*** Information provided Section Begins ***

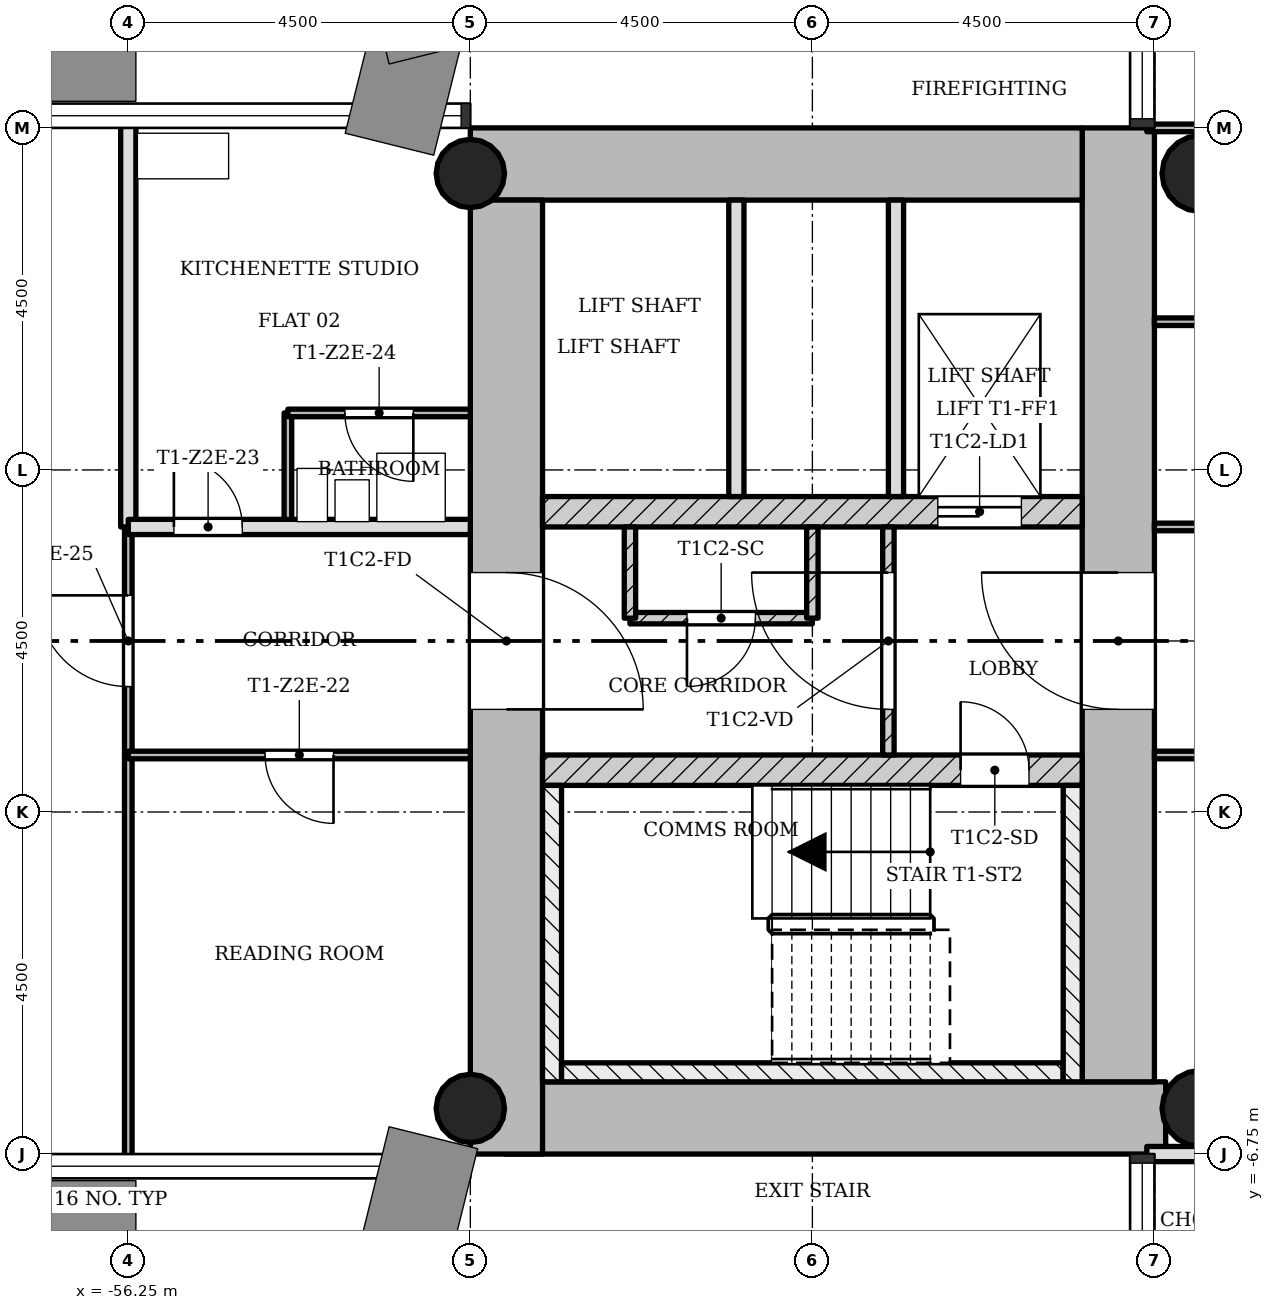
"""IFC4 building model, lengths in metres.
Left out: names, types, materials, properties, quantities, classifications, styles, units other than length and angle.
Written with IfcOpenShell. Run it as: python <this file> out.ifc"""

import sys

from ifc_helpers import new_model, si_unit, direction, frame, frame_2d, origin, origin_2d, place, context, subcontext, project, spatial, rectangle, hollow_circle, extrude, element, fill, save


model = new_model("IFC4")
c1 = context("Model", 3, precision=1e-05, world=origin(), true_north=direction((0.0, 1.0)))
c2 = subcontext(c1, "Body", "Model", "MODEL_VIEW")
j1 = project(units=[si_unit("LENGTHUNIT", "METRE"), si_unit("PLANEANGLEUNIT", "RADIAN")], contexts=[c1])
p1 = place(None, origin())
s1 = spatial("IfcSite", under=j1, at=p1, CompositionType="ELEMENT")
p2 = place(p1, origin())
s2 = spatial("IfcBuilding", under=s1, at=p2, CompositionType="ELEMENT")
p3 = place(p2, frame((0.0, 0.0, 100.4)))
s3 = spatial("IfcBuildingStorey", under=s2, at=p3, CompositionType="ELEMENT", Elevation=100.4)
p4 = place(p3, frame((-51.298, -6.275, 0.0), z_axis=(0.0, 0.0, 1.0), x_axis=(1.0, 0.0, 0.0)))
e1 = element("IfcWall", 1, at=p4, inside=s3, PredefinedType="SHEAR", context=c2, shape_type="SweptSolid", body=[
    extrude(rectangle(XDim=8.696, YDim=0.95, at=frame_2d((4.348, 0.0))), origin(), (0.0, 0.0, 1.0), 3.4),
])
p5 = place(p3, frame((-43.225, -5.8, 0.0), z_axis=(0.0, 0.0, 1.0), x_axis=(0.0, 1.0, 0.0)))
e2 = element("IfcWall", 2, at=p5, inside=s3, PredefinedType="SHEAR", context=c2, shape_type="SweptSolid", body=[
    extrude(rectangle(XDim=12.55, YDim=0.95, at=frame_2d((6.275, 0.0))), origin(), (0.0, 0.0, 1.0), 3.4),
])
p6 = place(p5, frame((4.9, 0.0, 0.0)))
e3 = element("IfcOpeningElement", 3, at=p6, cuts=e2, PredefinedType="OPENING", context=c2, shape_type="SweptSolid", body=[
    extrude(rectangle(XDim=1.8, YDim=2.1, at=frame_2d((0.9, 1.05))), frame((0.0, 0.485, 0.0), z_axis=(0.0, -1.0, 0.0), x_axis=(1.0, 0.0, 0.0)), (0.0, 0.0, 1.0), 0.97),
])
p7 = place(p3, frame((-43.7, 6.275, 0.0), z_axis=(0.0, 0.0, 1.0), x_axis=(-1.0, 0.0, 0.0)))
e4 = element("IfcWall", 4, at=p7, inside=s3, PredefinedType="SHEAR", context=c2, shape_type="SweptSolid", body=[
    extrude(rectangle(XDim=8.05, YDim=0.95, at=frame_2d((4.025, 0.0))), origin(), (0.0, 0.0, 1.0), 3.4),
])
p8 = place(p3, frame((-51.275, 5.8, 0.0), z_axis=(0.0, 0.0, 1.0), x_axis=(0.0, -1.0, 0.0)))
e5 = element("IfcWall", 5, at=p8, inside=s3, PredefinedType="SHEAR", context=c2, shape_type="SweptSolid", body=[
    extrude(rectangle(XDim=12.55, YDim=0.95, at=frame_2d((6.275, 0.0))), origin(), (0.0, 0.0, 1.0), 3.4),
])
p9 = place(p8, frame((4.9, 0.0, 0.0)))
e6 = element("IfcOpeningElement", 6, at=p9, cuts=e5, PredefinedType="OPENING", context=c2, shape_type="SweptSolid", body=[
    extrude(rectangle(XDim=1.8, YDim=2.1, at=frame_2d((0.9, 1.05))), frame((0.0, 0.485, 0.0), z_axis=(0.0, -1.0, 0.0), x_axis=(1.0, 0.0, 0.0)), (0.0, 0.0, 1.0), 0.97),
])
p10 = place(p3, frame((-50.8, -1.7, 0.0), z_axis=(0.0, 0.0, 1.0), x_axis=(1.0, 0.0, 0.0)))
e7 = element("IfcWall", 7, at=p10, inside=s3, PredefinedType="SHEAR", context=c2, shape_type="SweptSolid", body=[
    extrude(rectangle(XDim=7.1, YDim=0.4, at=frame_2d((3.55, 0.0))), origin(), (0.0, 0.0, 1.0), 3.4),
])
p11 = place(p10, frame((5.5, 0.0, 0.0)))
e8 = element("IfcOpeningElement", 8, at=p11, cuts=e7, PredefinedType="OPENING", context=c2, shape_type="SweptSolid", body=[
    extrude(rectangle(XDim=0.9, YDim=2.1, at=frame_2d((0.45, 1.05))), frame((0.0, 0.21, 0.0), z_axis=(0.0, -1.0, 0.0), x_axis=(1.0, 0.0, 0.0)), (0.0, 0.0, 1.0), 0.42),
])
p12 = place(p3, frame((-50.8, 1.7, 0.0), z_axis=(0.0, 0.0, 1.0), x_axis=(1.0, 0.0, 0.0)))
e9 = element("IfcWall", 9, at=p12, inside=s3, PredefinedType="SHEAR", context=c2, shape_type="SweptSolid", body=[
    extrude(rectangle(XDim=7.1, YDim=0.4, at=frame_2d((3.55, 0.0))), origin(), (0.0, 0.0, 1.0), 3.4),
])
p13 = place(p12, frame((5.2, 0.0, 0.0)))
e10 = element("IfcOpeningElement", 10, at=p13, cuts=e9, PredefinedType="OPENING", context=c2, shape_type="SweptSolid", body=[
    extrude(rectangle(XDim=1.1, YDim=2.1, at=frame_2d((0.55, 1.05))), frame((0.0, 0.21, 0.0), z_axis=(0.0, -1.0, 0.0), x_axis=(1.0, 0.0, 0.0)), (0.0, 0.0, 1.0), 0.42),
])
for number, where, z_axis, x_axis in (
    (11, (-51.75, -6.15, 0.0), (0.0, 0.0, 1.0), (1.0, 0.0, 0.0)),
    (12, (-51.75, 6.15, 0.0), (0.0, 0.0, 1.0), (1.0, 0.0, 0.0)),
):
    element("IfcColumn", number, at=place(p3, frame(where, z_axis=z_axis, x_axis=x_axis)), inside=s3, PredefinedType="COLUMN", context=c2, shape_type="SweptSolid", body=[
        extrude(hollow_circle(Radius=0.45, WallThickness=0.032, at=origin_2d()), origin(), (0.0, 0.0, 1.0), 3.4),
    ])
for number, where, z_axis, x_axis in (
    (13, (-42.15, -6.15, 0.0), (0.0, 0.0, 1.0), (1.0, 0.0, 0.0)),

*** Information provided Section Ends ***

→ **Directions for this task**:
Among the entries, find each line that includes the string "under" and copy it.

→ **Solution to this exercise**:
s1 = spatial("IfcSite", under=j1, at=p1, CompositionType="ELEMENT")
s2 = spatial("IfcBuilding", under=s1, at=p2, CompositionType="ELEMENT")
s3 = spatial("IfcBuildingStorey", under=s2, at=p3, CompositionType="ELEMENT", Elevation=100.4)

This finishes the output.